--- Problem description ---
Find all lines in the records that include the word "where", and copy them out.

[Data excerpts]
○ ○ ○

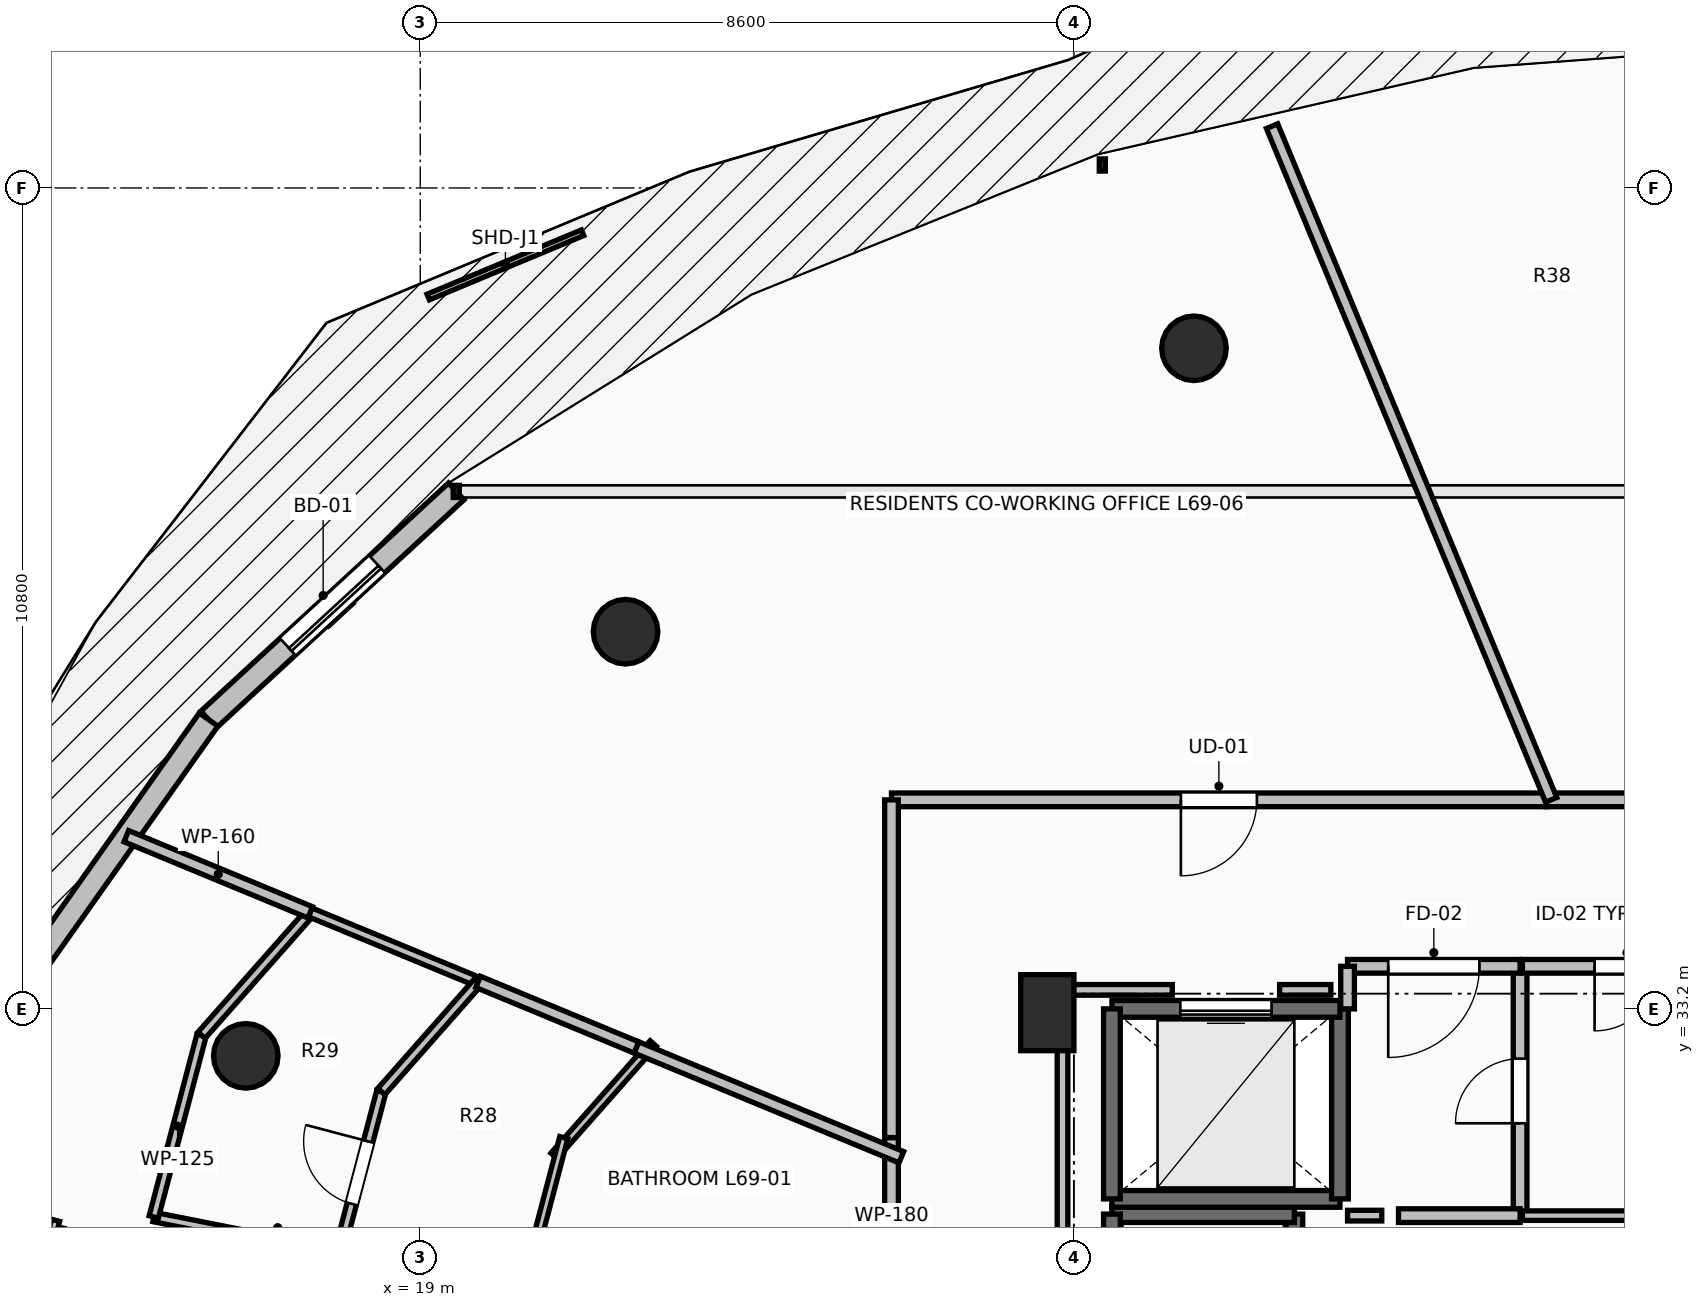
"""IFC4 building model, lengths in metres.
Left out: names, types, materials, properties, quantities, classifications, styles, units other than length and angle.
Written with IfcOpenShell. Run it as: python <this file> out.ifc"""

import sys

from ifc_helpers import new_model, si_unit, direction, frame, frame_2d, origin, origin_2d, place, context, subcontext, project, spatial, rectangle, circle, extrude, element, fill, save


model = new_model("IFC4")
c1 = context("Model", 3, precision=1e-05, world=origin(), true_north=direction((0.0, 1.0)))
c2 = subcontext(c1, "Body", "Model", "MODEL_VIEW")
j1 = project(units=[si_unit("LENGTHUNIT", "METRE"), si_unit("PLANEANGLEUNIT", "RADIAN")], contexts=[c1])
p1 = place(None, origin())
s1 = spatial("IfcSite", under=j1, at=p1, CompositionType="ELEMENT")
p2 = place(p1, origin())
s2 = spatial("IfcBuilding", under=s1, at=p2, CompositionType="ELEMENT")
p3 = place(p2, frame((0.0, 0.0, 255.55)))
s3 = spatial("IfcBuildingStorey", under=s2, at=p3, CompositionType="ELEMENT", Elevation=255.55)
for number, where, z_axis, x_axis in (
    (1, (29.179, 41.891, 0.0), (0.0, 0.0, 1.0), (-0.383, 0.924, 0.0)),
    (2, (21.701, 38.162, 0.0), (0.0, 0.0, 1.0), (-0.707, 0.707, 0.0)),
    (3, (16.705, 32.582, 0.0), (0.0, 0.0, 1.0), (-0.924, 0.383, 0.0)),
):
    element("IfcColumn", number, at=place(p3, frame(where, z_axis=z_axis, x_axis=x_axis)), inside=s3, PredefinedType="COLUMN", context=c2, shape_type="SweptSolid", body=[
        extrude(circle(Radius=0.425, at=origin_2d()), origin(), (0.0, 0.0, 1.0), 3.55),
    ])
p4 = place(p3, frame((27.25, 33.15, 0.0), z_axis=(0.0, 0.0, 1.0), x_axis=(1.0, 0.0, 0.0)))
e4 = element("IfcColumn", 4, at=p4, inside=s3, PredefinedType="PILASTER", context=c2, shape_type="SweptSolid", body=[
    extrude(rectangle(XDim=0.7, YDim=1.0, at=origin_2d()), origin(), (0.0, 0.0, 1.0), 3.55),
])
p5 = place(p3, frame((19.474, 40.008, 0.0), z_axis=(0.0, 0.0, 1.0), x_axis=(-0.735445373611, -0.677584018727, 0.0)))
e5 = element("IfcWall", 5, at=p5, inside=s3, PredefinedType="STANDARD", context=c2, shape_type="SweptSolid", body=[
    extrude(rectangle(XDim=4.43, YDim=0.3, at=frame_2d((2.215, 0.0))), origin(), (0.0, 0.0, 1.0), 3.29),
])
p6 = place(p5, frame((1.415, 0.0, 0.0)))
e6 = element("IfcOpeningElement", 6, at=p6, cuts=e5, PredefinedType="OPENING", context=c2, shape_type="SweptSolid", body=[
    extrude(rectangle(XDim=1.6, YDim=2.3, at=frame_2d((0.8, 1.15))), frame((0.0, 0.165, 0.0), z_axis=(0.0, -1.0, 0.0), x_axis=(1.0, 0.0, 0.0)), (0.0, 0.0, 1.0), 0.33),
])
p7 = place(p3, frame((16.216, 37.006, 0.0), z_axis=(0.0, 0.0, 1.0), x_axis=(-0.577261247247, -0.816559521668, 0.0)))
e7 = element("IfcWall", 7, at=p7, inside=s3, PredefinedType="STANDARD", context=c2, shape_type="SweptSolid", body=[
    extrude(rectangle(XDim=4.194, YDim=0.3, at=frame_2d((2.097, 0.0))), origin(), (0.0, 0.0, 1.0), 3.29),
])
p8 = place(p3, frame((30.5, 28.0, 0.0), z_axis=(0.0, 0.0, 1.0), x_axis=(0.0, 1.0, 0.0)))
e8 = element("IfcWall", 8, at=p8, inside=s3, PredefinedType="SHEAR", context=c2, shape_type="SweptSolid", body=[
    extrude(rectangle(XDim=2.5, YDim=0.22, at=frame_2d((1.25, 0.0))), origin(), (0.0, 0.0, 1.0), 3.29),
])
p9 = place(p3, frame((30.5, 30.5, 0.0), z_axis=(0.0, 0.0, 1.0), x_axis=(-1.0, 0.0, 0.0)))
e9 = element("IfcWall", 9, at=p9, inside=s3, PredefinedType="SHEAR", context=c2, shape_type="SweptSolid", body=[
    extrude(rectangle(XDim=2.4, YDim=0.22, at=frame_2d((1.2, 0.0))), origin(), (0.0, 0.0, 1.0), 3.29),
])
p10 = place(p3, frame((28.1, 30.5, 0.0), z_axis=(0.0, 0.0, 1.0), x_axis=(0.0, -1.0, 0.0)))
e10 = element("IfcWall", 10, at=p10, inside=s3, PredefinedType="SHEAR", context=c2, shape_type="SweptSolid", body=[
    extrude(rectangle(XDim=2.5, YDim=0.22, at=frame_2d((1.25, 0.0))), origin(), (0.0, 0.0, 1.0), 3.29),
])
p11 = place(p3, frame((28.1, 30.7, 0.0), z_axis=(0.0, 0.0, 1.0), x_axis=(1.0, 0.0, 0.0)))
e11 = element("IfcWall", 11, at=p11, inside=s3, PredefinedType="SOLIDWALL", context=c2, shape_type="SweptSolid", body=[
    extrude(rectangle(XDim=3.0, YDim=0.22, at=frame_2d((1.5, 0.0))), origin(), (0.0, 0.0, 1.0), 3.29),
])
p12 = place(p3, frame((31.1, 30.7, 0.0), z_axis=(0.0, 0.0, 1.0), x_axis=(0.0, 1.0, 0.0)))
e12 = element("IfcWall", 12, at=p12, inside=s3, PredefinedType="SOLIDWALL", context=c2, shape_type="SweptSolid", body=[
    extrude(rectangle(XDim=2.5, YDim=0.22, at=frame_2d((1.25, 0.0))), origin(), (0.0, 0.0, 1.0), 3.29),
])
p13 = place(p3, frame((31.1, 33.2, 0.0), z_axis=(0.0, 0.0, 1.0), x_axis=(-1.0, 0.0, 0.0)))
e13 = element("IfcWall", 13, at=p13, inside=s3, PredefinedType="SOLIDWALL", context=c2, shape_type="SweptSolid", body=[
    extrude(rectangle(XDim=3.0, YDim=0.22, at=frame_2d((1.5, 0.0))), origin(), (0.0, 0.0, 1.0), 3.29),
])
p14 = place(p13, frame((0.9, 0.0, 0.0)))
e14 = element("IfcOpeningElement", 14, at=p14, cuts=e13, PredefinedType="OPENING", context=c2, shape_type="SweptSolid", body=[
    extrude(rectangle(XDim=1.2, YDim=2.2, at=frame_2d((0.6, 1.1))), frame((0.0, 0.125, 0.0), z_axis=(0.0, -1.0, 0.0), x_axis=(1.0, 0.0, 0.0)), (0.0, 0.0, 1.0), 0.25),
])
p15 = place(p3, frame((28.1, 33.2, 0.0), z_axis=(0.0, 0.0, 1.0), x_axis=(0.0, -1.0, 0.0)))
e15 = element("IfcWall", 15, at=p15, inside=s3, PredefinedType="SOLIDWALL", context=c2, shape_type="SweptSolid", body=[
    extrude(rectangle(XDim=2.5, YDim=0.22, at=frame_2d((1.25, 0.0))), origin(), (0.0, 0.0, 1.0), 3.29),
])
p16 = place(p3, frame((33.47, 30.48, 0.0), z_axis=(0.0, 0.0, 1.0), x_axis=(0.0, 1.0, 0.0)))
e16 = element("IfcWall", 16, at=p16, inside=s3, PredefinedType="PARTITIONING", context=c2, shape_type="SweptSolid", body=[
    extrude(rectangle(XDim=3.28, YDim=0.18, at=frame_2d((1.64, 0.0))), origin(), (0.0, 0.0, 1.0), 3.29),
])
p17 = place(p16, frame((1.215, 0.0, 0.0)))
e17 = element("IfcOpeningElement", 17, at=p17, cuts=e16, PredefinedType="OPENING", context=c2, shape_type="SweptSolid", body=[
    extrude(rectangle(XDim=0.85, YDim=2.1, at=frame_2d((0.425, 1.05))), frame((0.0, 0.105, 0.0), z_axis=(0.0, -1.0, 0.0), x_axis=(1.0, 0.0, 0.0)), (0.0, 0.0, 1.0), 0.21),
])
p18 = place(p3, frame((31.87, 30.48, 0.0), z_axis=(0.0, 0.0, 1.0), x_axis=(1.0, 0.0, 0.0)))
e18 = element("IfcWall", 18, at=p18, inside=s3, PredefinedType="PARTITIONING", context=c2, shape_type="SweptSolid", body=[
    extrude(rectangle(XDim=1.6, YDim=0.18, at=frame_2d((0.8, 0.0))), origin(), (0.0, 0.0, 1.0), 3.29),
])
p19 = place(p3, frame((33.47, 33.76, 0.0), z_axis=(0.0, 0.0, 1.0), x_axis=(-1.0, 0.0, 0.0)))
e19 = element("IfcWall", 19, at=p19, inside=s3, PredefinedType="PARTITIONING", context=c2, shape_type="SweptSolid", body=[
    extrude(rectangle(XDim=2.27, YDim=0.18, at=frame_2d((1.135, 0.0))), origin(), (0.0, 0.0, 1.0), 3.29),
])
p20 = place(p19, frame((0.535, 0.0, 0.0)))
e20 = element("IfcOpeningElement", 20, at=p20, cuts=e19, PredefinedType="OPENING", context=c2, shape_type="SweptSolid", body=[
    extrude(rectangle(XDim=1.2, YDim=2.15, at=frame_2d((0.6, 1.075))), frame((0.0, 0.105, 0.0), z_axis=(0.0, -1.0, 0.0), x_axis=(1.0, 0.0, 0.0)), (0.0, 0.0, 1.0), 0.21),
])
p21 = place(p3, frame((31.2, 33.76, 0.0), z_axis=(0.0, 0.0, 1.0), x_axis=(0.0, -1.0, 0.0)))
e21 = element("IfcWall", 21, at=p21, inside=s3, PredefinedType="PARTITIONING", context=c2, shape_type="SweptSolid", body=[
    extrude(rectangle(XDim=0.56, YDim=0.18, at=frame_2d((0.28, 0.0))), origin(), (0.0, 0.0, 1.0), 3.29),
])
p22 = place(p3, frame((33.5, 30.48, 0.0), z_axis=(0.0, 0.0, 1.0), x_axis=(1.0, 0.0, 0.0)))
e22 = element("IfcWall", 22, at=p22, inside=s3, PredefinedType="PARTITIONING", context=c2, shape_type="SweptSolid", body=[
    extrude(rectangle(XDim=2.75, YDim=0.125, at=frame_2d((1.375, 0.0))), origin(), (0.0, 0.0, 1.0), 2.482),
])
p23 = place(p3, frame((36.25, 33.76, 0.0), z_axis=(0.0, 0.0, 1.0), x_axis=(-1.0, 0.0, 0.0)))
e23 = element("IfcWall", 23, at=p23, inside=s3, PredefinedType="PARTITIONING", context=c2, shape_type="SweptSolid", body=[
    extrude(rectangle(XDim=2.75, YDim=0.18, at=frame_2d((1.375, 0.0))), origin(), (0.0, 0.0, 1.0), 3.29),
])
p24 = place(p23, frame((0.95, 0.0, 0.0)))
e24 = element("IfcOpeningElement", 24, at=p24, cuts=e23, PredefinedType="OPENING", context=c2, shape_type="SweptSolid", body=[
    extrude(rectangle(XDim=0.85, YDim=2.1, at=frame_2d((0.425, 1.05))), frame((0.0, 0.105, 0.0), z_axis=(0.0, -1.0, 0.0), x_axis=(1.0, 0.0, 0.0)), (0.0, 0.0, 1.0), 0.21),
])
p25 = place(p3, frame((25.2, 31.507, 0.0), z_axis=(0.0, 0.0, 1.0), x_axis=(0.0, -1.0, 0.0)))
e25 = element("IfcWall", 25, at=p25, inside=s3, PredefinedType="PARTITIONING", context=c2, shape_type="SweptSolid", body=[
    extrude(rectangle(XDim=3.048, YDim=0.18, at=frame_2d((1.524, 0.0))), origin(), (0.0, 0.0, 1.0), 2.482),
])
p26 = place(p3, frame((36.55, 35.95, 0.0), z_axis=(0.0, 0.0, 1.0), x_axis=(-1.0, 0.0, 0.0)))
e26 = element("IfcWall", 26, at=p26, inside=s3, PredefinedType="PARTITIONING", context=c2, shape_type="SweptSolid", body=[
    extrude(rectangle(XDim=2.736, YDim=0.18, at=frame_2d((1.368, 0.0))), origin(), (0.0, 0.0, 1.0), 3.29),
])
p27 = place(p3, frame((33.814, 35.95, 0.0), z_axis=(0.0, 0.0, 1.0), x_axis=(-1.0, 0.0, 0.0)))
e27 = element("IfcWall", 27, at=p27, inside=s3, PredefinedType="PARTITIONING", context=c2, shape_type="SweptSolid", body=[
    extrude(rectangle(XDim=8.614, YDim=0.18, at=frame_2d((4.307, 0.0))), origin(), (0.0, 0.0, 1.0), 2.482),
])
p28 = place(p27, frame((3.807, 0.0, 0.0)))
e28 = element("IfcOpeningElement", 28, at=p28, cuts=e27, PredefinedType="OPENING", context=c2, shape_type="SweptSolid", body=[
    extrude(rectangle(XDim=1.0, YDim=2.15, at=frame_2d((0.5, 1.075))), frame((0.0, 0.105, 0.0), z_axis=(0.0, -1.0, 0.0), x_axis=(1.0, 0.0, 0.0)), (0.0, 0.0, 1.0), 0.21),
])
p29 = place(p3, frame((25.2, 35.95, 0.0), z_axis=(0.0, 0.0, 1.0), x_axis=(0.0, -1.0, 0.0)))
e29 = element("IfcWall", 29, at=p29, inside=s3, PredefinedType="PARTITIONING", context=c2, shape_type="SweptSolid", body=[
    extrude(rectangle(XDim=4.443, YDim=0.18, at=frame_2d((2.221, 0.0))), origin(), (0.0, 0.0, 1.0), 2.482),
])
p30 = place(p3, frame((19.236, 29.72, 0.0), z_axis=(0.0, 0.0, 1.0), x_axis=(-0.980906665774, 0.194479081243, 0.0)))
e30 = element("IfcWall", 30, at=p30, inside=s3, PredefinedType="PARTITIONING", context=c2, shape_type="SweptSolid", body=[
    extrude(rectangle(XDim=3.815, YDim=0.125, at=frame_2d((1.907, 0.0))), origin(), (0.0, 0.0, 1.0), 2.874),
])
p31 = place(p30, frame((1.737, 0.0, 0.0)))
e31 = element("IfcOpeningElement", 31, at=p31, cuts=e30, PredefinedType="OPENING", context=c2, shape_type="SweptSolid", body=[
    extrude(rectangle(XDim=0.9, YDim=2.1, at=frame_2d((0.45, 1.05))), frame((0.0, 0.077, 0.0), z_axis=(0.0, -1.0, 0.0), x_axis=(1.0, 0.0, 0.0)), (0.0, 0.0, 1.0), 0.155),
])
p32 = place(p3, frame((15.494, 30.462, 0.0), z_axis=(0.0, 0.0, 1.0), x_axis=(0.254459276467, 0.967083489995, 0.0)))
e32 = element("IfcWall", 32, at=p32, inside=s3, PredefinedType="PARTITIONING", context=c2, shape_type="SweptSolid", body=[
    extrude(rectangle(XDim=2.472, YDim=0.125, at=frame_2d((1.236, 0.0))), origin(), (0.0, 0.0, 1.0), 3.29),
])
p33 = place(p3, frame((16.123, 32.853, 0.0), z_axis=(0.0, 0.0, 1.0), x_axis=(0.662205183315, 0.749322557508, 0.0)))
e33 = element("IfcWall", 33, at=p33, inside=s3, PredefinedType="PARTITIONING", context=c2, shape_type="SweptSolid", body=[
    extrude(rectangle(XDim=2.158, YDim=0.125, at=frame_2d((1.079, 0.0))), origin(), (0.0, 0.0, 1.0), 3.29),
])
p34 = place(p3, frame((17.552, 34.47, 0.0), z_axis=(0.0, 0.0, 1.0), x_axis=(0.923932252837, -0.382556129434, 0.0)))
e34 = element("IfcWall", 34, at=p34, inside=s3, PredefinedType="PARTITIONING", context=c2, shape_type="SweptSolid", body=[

○ ○ ○

--- Answer for the task ---
for number, where, z_axis, x_axis in (
    element("IfcColumn", number, at=place(p3, frame(where, z_axis=z_axis, x_axis=x_axis)), inside=s3, PredefinedType="COLUMN", context=c2, shape_type="SweptSolid", body=[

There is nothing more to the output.